From the entries below, return only the lines starting at the one that contains "p12 = place(p9, frame((4.871, 0.0, 0.0)))" and ending at the one that contains "-6.0, 0.0), z_axis=(0.0, 0.0, 1.0), x_axis=(0.0, 1.0, 0.0)))", exactly as they stand.

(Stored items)
<<<<

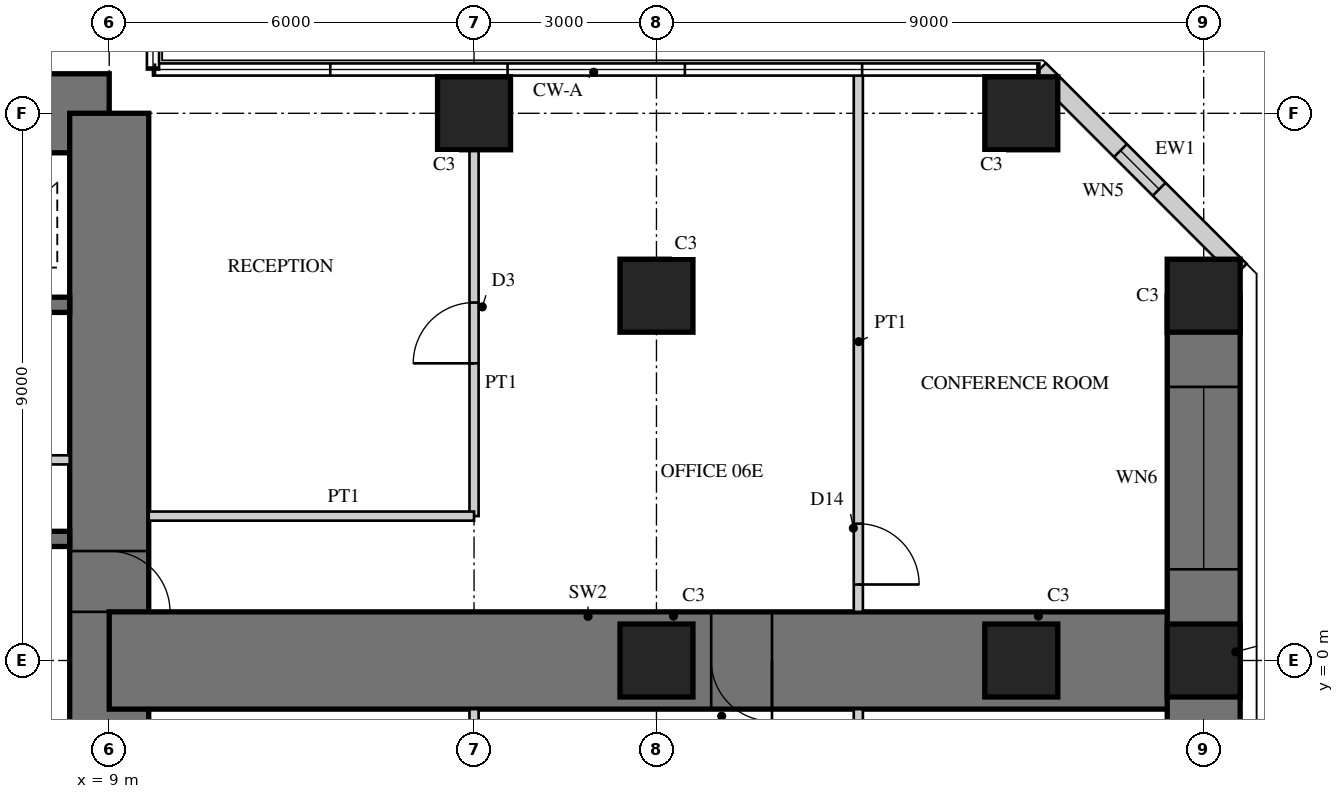
"""IFC4 building model, lengths in metres.
Left out: names, types, materials, properties, quantities, classifications, styles, units other than length and angle.
Written with IfcOpenShell. Run it as: python <this file> out.ifc"""

import sys

from ifc_helpers import new_model, si_unit, direction, frame, frame_2d, origin, origin_2d, place, context, subcontext, project, spatial, rectangle, hollow_rectangle, extrude, element, fill, save


model = new_model("IFC4")
c1 = context("Model", 3, precision=1e-05, world=origin(), true_north=direction((0.0, 1.0)))
c2 = subcontext(c1, "Body", "Model", "MODEL_VIEW")
j1 = project(units=[si_unit("LENGTHUNIT", "METRE"), si_unit("PLANEANGLEUNIT", "RADIAN")], contexts=[c1])
p1 = place(None, origin())
s1 = spatial("IfcSite", under=j1, at=p1, CompositionType="ELEMENT")
p2 = place(p1, origin())
s2 = spatial("IfcBuilding", under=s1, at=p2, CompositionType="ELEMENT")
p3 = place(p2, frame((0.0, 0.0, 27.5)))
s3 = spatial("IfcBuildingStorey", under=s2, at=p3, CompositionType="ELEMENT", Elevation=27.5)
p4 = place(p3, frame((9.0, 9.0, 0.0), z_axis=(0.0, 0.0, 1.0), x_axis=(-1.0, 0.0, 0.0)))
e1 = element("IfcWall", 1, at=p4, inside=s3, PredefinedType="SHEAR", context=c2, shape_type="SweptSolid", body=[
    extrude(rectangle(XDim=18.0, YDim=1.3, at=frame_2d((9.0, 0.0))), origin(), (0.0, 0.0, 1.0), 4.0),
])
p5 = place(p4, frame((9.8, 0.0, 0.0)))
e2 = element("IfcOpeningElement", 2, at=p5, cuts=e1, PredefinedType="OPENING", context=c2, shape_type="SweptSolid", body=[
    extrude(rectangle(XDim=1.0, YDim=2.4, at=frame_2d((0.5, 1.2))), frame((0.0, 0.66, 0.0), z_axis=(0.0, -1.0, 0.0), x_axis=(1.0, 0.0, 0.0)), (0.0, 0.0, 1.0), 1.32),
])
p6 = place(p3, frame((9.0, -9.0, 0.0), z_axis=(0.0, 0.0, 1.0), x_axis=(0.0, 1.0, 0.0)))
e3 = element("IfcWall", 3, at=p6, inside=s3, PredefinedType="SHEAR", context=c2, shape_type="SweptSolid", body=[
    extrude(rectangle(XDim=18.0, YDim=1.3, at=frame_2d((9.0, 0.0))), origin(), (0.0, 0.0, 1.0), 4.0),
])
p7 = place(p6, frame((9.8, 0.0, 0.0)))
e4 = element("IfcOpeningElement", 4, at=p7, cuts=e3, PredefinedType="OPENING", context=c2, shape_type="SweptSolid", body=[
    extrude(rectangle(XDim=1.0, YDim=2.4, at=frame_2d((0.5, 1.2))), frame((0.0, 0.66, 0.0), z_axis=(0.0, -1.0, 0.0), x_axis=(1.0, 0.0, 0.0)), (0.0, 0.0, 1.0), 1.32),
])
p8 = place(p3, frame((1.925, 2.0, 0.0), z_axis=(0.0, 0.0, 1.0), x_axis=(1.0, 0.0, 0.0)))
e5 = element("IfcWall", 5, at=p8, inside=s3, PredefinedType="SHEAR", context=c2, shape_type="SweptSolid", body=[
    extrude(rectangle(XDim=6.425, YDim=0.25, at=frame_2d((3.212, 0.0))), origin(), (0.0, 0.0, 1.0), 4.0),
])
p9 = place(p3, frame((1.925, 5.85, 0.0), z_axis=(0.0, 0.0, 1.0), x_axis=(1.0, 0.0, 0.0)))
e6 = element("IfcWall", 6, at=p9, inside=s3, PredefinedType="SHEAR", context=c2, shape_type="SweptSolid", body=[
    extrude(rectangle(XDim=6.425, YDim=0.25, at=frame_2d((3.212, 0.0))), origin(), (0.0, 0.0, 1.0), 4.0),
])
p10 = place(p9, frame((0.454, 0.0, 0.0)))
e7 = element("IfcOpeningElement", 7, at=p10, cuts=e6, PredefinedType="OPENING", context=c2, shape_type="SweptSolid", body=[
    extrude(rectangle(XDim=1.1, YDim=2.2, at=frame_2d((0.55, 1.1))), frame((0.0, 0.135, 0.0), z_axis=(0.0, -1.0, 0.0), x_axis=(1.0, 0.0, 0.0)), (0.0, 0.0, 1.0), 0.27),
])
p11 = place(p9, frame((2.663, 0.0, 0.0)))
e8 = element("IfcOpeningElement", 8, at=p11, cuts=e6, PredefinedType="OPENING", context=c2, shape_type="SweptSolid", body=[
    extrude(rectangle(XDim=1.1, YDim=2.2, at=frame_2d((0.55, 1.1))), frame((0.0, 0.135, 0.0), z_axis=(0.0, -1.0, 0.0), x_axis=(1.0, 0.0, 0.0)), (0.0, 0.0, 1.0), 0.27),
])
p12 = place(p9, frame((4.871, 0.0, 0.0)))
e9 = element("IfcOpeningElement", 9, at=p12, cuts=e6, PredefinedType="OPENING", context=c2, shape_type="SweptSolid", body=[
    extrude(rectangle(XDim=1.1, YDim=2.2, at=frame_2d((0.55, 1.1))), frame((0.0, 0.135, 0.0), z_axis=(0.0, -1.0, 0.0), x_axis=(1.0, 0.0, 0.0)), (0.0, 0.0, 1.0), 0.27),
])
p13 = place(p3, frame((1.925, 3.3, 0.0), z_axis=(0.0, 0.0, 1.0), x_axis=(1.0, 0.0, 0.0)))
e10 = element("IfcWall", 10, at=p13, inside=s3, PredefinedType="PARTITIONING", context=c2, shape_type="SweptSolid", body=[
    extrude(rectangle(XDim=6.425, YDim=0.15, at=frame_2d((3.212, 0.0))), origin(), (0.0, 0.0, 1.0), 4.0),
])
p14 = place(p13, frame((0.075, 0.0, 0.0)))
e11 = element("IfcOpeningElement", 11, at=p14, cuts=e10, PredefinedType="OPENING", context=c2, shape_type="SweptSolid", body=[
    extrude(rectangle(XDim=0.8, YDim=2.1, at=frame_2d((0.4, 1.05))), frame((0.0, 0.085, 0.0), z_axis=(0.0, -1.0, 0.0), x_axis=(1.0, 0.0, 0.0)), (0.0, 0.0, 1.0), 0.17),
])
p15 = place(p13, frame((3.675, 0.0, 0.0)))
e12 = element("IfcOpeningElement", 12, at=p15, cuts=e10, PredefinedType="OPENING", context=c2, shape_type="SweptSolid", body=[
    extrude(rectangle(XDim=0.8, YDim=2.1, at=frame_2d((0.4, 1.05))), frame((0.0, 0.085, 0.0), z_axis=(0.0, -1.0, 0.0), x_axis=(1.0, 0.0, 0.0)), (0.0, 0.0, 1.0), 0.17),
])
p16 = place(p3, frame((9.0, 0.0, 0.0), z_axis=(0.0, 0.0, 1.0), x_axis=(1.0, 0.0, 0.0)))
e13 = element("IfcWall", 13, at=p16, inside=s3, PredefinedType="SHEAR", context=c2, shape_type="SweptSolid", body=[
    extrude(rectangle(XDim=18.0, YDim=1.6, at=frame_2d((9.0, 0.0))), origin(), (0.0, 0.0, 1.0), 4.0),
])
p17 = place(p16, frame((9.9, 0.0, 0.0)))
e14 = element("IfcOpeningElement", 14, at=p17, cuts=e13, PredefinedType="OPENING", context=c2, shape_type="SweptSolid", body=[
    extrude(rectangle(XDim=1.0, YDim=2.2, at=frame_2d((0.5, 1.1))), frame((0.0, 0.81, 0.0), z_axis=(0.0, -1.0, 0.0), x_axis=(1.0, 0.0, 0.0)), (0.0, 0.0, 1.0), 1.62),
])
p18 = place(p3, frame((27.0, -6.0, 0.0), z_axis=(0.0, 0.0, 1.0), x_axis=(0.0, 1.0, 0.0)))
e15 = element("IfcWall", 15, at=p18, inside=s3, PredefinedType="SHEAR", context=c2, shape_type="SweptSolid", body=[
    extrude(rectangle(XDim=12.0, YDim=1.2, at=frame_2d((6.0, 0.0))), origin(), (0.0, 0.0, 1.0), 4.0),
])
p19 = place(p18, frame((1.5, 0.0, 0.6)))
e16 = element("IfcOpeningElement", 16, at=p19, cuts=e15, PredefinedType="OPENING", context=c2, shape_type="SweptSolid", body=[
    extrude(rectangle(XDim=3.0, YDim=2.4, at=frame_2d((1.5, 1.2))), frame((0.0, 0.61, 0.0), z_axis=(0.0, -1.0, 0.0), x_axis=(1.0, 0.0, 0.0)), (0.0, 0.0, 1.0), 1.22),
])
p20 = place(p18, frame((7.5, 0.0, 0.6)))
e17 = element("IfcOpeningElement", 17, at=p20, cuts=e15, PredefinedType="OPENING", context=c2, shape_type="SweptSolid", body=[
    extrude(rectangle(XDim=3.0, YDim=2.4, at=frame_2d((1.5, 1.2))), frame((0.0, 0.61, 0.0), z_axis=(0.0, -1.0, 0.0), x_axis=(1.0, 0.0, 0.0)), (0.0, 0.0, 1.0), 1.22),
])
for number, where, z_axis, x_axis in (
    (18, (15.0, 9.0, 0.0), (0.0, 0.0, 1.0), (1.0, 0.0, 0.0)),
    (19, (24.0, 9.0, 0.0), (0.0, 0.0, 1.0), (1.0, 0.0, 0.0)),
    (20, (27.0, 0.0, 0.0), (0.0, 0.0, 1.0), (1.0, 0.0, 0.0)),
    (21, (27.0, 6.0, 0.0), (0.0, 0.0, 1.0), (1.0, 0.0, 0.0)),
    (22, (18.0, 0.0, 0.0), (0.0, 0.0, 1.0), (1.0, 0.0, 0.0)),
    (23, (18.0, 6.0, 0.0), (0.0, 0.0, 1.0), (1.0, 0.0, 0.0)),
    (24, (24.0, 0.0, 0.0), (0.0, 0.0, 1.0), (1.0, 0.0, 0.0)),
):
    element("IfcColumn", number, at=place(p3, frame(where, z_axis=z_axis, x_axis=x_axis)), inside=s3, PredefinedType="COLUMN", context=c2, shape_type="SweptSolid", body=[
        extrude(rectangle(XDim=1.2, YDim=1.2, at=origin_2d()), origin(), (0.0, 0.0, 1.0), 4.0),
    ])
p21 = place(p3, frame((27.6, 6.418, 0.0), z_axis=(0.0, 0.0, 1.0), x_axis=(-0.707106781187, 0.707106781187, 0.0)))
e25 = element("IfcWall", 25, at=p21, inside=s3, PredefinedType="SOLIDWALL", context=c2, shape_type="SweptSolid", body=[
    extrude(rectangle(XDim=4.669, YDim=0.3, at=frame_2d((2.335, 0.0))), origin(), (0.0, 0.0, 1.0), 3.8),
])
p22 = place(p21, frame((1.885, 0.0, 0.3)))
e26 = element("IfcOpeningElement", 26, at=p22, cuts=e25, PredefinedType="OPENING", context=c2, shape_type="SweptSolid", body=[
    extrude(rectangle(XDim=0.9, YDim=2.4, at=frame_2d((0.45, 1.2))), frame((0.0, 0.16, 0.0), z_axis=(0.0, -1.0, 0.0), x_axis=(1.0, 0.0, 0.0)), (0.0, 0.0, 1.0), 0.32),
])
p23 = place(p3, frame((15.0, 2.375, 0.0), z_axis=(0.0, 0.0, 1.0), x_axis=(0.0, 1.0, 0.0)))
e27 = element("IfcWall", 27, at=p23, inside=s3, PredefinedType="PARTITIONING", context=c2, shape_type="SweptSolid", body=[
    extrude(rectangle(XDim=6.025, YDim=0.15, at=frame_2d((3.012, 0.0))), origin(), (0.0, 0.0, 1.0), 2.95),
])
p24 = place(p23, frame((2.512, 0.0, 0.0)))
e28 = element("IfcOpeningElement", 28, at=p24, cuts=e27, PredefinedType="OPENING", context=c2, shape_type="SweptSolid", body=[
    extrude(rectangle(XDim=1.0, YDim=2.1, at=frame_2d((0.5, 1.05))), frame((0.0, 0.085, 0.0), z_axis=(0.0, -1.0, 0.0), x_axis=(1.0, 0.0, 0.0)), (0.0, 0.0, 1.0), 0.17),
])
p25 = place(p3, frame((9.65, 2.375, 0.0), z_axis=(0.0, 0.0, 1.0), x_axis=(1.0, 0.0, 0.0)))
e29 = element("IfcWall", 29, at=p25, inside=s3, PredefinedType="PARTITIONING", context=c2, shape_type="SweptSolid", body=[
    extrude(rectangle(XDim=5.35, YDim=0.15, at=frame_2d((2.675, 0.0))), origin(), (0.0, 0.0, 1.0), 3.8),
])
p26 = place(p3, frame((15.0, -8.4, 0.0), z_axis=(0.0, 0.0, 1.0), x_axis=(0.0, 1.0, 0.0)))
e30 = element("IfcWall", 30, at=p26, inside=s3, PredefinedType="PARTITIONING", context=c2, shape_type="SweptSolid", body=[
    extrude(rectangle(XDim=7.6, YDim=0.15, at=frame_2d((3.8, 0.0))), origin(), (0.0, 0.0, 1.0), 2.95),
])
p27 = place(p26, frame((1.375, 0.0, 0.0)))
e31 = element("IfcOpeningElement", 31, at=p27, cuts=e30, PredefinedType="OPENING", context=c2, shape_type="SweptSolid", body=[
    extrude(rectangle(XDim=1.0, YDim=2.1, at=frame_2d((0.5, 1.05))), frame((0.0, 0.085, 0.0), z_axis=(0.0, -1.0, 0.0), x_axis=(1.0, 0.0, 0.0)), (0.0, 0.0, 1.0), 0.17),
])
p28 = place(p26, frame((5.175, 0.0, 0.0)))
e32 = element("IfcOpeningElement", 32, at=p28, cuts=e30, PredefinedType="OPENING", context=c2, shape_type="SweptSolid", body=[
    extrude(rectangle(XDim=1.0, YDim=2.1, at=frame_2d((0.5, 1.05))), frame((0.0, 0.085, 0.0), z_axis=(0.0, -1.0, 0.0), x_axis=(1.0, 0.0, 0.0)), (0.0, 0.0, 1.0), 0.17),
])
p29 = place(p3, frame((21.32, 0.8, 0.0), z_axis=(0.0, 0.0, 1.0), x_axis=(0.0, 1.0, 0.0)))
e33 = element("IfcWall", 33, at=p29, inside=s3, PredefinedType="PARTITIONING", context=c2, shape_type="SweptSolid", body=[
    extrude(rectangle(XDim=8.88, YDim=0.15, at=frame_2d((4.44, 0.0))), origin(), (0.0, 0.0, 1.0), 3.8),
])
p30 = place(p29, frame((0.45, 0.0, 0.0)))
e34 = element("IfcOpeningElement", 34, at=p30, cuts=e33, PredefinedType="OPENING", context=c2, shape_type="SweptSolid", body=[
    extrude(rectangle(XDim=1.0, YDim=2.2, at=frame_2d((0.5, 1.1))), frame((0.0, 0.085, 0.0), z_axis=(0.0, -1.0, 0.0), x_axis=(1.0, 0.0, 0.0)), (0.0, 0.0, 1.0), 0.17),
])
p31 = place(p3, frame((21.32, -9.68, 0.0), z_axis=(0.0, 0.0, 1.0), x_axis=(0.0, 1.0, 0.0)))
e35 = element("IfcWall", 35, at=p31, inside=s3, PredefinedType="PARTITIONING", context=c2, shape_type="SweptSolid", body=[
    extrude(rectangle(XDim=8.88, YDim=0.15, at=frame_2d((4.44, 0.0))), origin(), (0.0, 0.0, 1.0), 3.8),
])
p32 = place(p31, frame((5.087, 0.0, 0.0)))
e36 = element("IfcOpeningElement", 36, at=p32, cuts=e35, PredefinedType="OPENING", context=c2, shape_type="SweptSolid", body=[
    extrude(rectangle(XDim=1.0, YDim=2.2, at=frame_2d((0.5, 1.1))), frame((0.0, 0.085, 0.0), z_axis=(0.0, -1.0, 0.0), x_axis=(1.0, 0.0, 0.0)), (0.0, 0.0, 1.0), 0.17),
])
p33 = place(p31, frame((7.53, 0.0, 0.0)))
e37 = element("IfcOpeningElement", 37, at=p33, cuts=e35, PredefinedType="OPENING", context=c2, shape_type="SweptSolid", body=[
    extrude(rectangle(XDim=1.0, YDim=2.2, at=frame_2d((0.5, 1.1))), frame((0.0, 0.085, 0.0), z_axis=(0.0, -1.0, 0.0), x_axis=(1.0, 0.0, 0.0)), (0.0, 0.0, 1.0), 0.17),
])
p34 = place(p20, origin())
e38 = element("IfcWindow", 38, at=p34, inside=s3, PartitioningType="SINGLE_PANEL", PredefinedType="WINDOW", context=c2, shape_type="SweptSolid", body=[
    extrude(hollow_rectangle(XDim=3.0, YDim=2.4, WallThickness=0.06, at=frame_2d((1.5, 1.2))), frame((0.0, 0.03, 0.0), z_axis=(0.0, -1.0, 0.0), x_axis=(1.0, 0.0, 0.0)), (0.0, 0.0, 1.0), 0.06),
    extrude(rectangle(XDim=2.879, YDim=2.279, at=frame_2d((1.5, 1.2))), frame((0.0, 0.03, 0.0), z_axis=(0.0, -1.0, 0.0), x_axis=(1.0, 0.0, 0.0)), (0.0, 0.0, 1.0), 0.06),
])
fill(e17, e38)
p35 = place(p22, origin())
e39 = element("IfcWindow", 39, at=p35, inside=s3, PartitioningType="SINGLE_PANEL", PredefinedType="WINDOW", context=c2, shape_type="SweptSolid", body=[
    extrude(hollow_rectangle(XDim=0.9, YDim=2.4, WallThickness=0.06, at=frame_2d((0.45, 1.2))), frame((0.0, 0.03, 0.0), z_axis=(0.0, -1.0, 0.0), x_axis=(1.0, 0.0, 0.0)), (0.0, 0.0, 1.0), 0.06),
    extrude(rectangle(XDim=0.779, YDim=2.279, at=frame_2d((0.45, 1.2))), frame((0.0, 0.03, 0.0), z_axis=(0.0, -1.0, 0.0), x_axis=(1.0, 0.0, 0.0)), (0.0, 0.0, 1.0), 0.06),
])
fill(e26, e39)
p36 = place(p24, origin())
e40 = element("IfcDoor", 40, at=p36, inside=s3, OperationType="SINGLE_SWING_LEFT", PredefinedType="DOOR", context=c2, shape_type="SweptSolid", body=[
    extrude(rectangle(XDim=1.0, YDim=2.1, at=frame_2d((0.5, 1.05))), frame((0.0, 0.025, 0.0), z_axis=(0.0, -1.0, 0.0), x_axis=(1.0, 0.0, 0.0)), (0.0, 0.0, 1.0), 0.05),
])
fill(e28, e40)
p37 = place(p30, frame((1.0, 0.0, 0.0), z_axis=(0.0, 0.0, 1.0), x_axis=(-1.0, 0.0, 0.0)))
e41 = element("IfcDoor", 41, at=p37, inside=s3, OperationType="SINGLE_SWING_RIGHT", PredefinedType="DOOR", context=c2, shape_type="SweptSolid", body=[
    extrude(rectangle(XDim=1.0, YDim=2.2, at=frame_2d((0.5, 1.1))), frame((0.0, 0.025, 0.0), z_axis=(0.0, -1.0, 0.0), x_axis=(1.0, 0.0, 0.0)), (0.0, 0.0, 1.0), 0.05),
])
fill(e34, e41)
p38 = place(p17, frame((1.0, 0.0, 0.0), z_axis=(0.0, 0.0, 1.0), x_axis=(-1.0, 0.0, 0.0)))
e42 = element("IfcDoor", 42, at=p38, inside=s3, OperationType="SINGLE_SWING_LEFT", PredefinedType="DOOR", context=c2, shape_type="SweptSolid", body=[
    extrude(rectangle(XDim=1.0, YDim=2.2, at=frame_2d((0.5, 1.1))), frame((0.0, 0.025, 0.0), z_axis=(0.0, -1.0, 0.0), x_axis=(1.0, 0.0, 0.0)), (0.0, 0.0, 1.0), 0.05),
])
fill(e14, e42)
p39 = place(p7, frame((1.0, 0.0, 0.0), z_axis=(0.0, 0.0, 1.0), x_axis=(-1.0, 0.0, 0.0)))
e43 = element("IfcDoor", 43, at=p39, inside=s3, OperationType="SINGLE_SWING_RIGHT", PredefinedType="DOOR", context=c2, shape_type="SweptSolid", body=[
    extrude(rectangle(XDim=1.0, YDim=2.4, at=frame_2d((0.5, 1.2))), frame((0.0, -0.005, 0.0), z_axis=(0.0, -1.0, 0.0), x_axis=(1.0, 0.0, 0.0)), (0.0, 0.0, 1.0), 0.05),
])
fill(e4, e43)
save(model, sys.argv[1])

>>>>

SOLUTION TO THE PROBLEM
p12 = place(p9, frame((4.871, 0.0, 0.0)))
e9 = element("IfcOpeningElement", 9, at=p12, cuts=e6, PredefinedType="OPENING", context=c2, shape_type="SweptSolid", body=[
    extrude(rectangle(XDim=1.1, YDim=2.2, at=frame_2d((0.55, 1.1))), frame((0.0, 0.135, 0.0), z_axis=(0.0, -1.0, 0.0), x_axis=(1.0, 0.0, 0.0)), (0.0, 0.0, 1.0), 0.27),
])
p13 = place(p3, frame((1.925, 3.3, 0.0), z_axis=(0.0, 0.0, 1.0), x_axis=(1.0, 0.0, 0.0)))
e10 = element("IfcWall", 10, at=p13, inside=s3, PredefinedType="PARTITIONING", context=c2, shape_type="SweptSolid", body=[
    extrude(rectangle(XDim=6.425, YDim=0.15, at=frame_2d((3.212, 0.0))), origin(), (0.0, 0.0, 1.0), 4.0),
])
p14 = place(p13, frame((0.075, 0.0, 0.0)))
e11 = element("IfcOpeningElement", 11, at=p14, cuts=e10, PredefinedType="OPENING", context=c2, shape_type="SweptSolid", body=[
    extrude(rectangle(XDim=0.8, YDim=2.1, at=frame_2d((0.4, 1.05))), frame((0.0, 0.085, 0.0), z_axis=(0.0, -1.0, 0.0), x_axis=(1.0, 0.0, 0.0)), (0.0, 0.0, 1.0), 0.17),
])
p15 = place(p13, frame((3.675, 0.0, 0.0)))
e12 = element("IfcOpeningElement", 12, at=p15, cuts=e10, PredefinedType="OPENING", context=c2, shape_type="SweptSolid", body=[
    extrude(rectangle(XDim=0.8, YDim=2.1, at=frame_2d((0.4, 1.05))), frame((0.0, 0.085, 0.0), z_axis=(0.0, -1.0, 0.0), x_axis=(1.0, 0.0, 0.0)), (0.0, 0.0, 1.0), 0.17),
])
p16 = place(p3, frame((9.0, 0.0, 0.0), z_axis=(0.0, 0.0, 1.0), x_axis=(1.0, 0.0, 0.0)))
e13 = element("IfcWall", 13, at=p16, inside=s3, PredefinedType="SHEAR", context=c2, shape_type="SweptSolid", body=[
    extrude(rectangle(XDim=18.0, YDim=1.6, at=frame_2d((9.0, 0.0))), origin(), (0.0, 0.0, 1.0), 4.0),
])
p17 = place(p16, frame((9.9, 0.0, 0.0)))
e14 = element("IfcOpeningElement", 14, at=p17, cuts=e13, PredefinedType="OPENING", context=c2, shape_type="SweptSolid", body=[
    extrude(rectangle(XDim=1.0, YDim=2.2, at=frame_2d((0.5, 1.1))), frame((0.0, 0.81, 0.0), z_axis=(0.0, -1.0, 0.0), x_axis=(1.0, 0.0, 0.0)), (0.0, 0.0, 1.0), 1.62),
])
p18 = place(p3, frame((27.0, -6.0, 0.0), z_axis=(0.0, 0.0, 1.0), x_axis=(0.0, 1.0, 0.0)))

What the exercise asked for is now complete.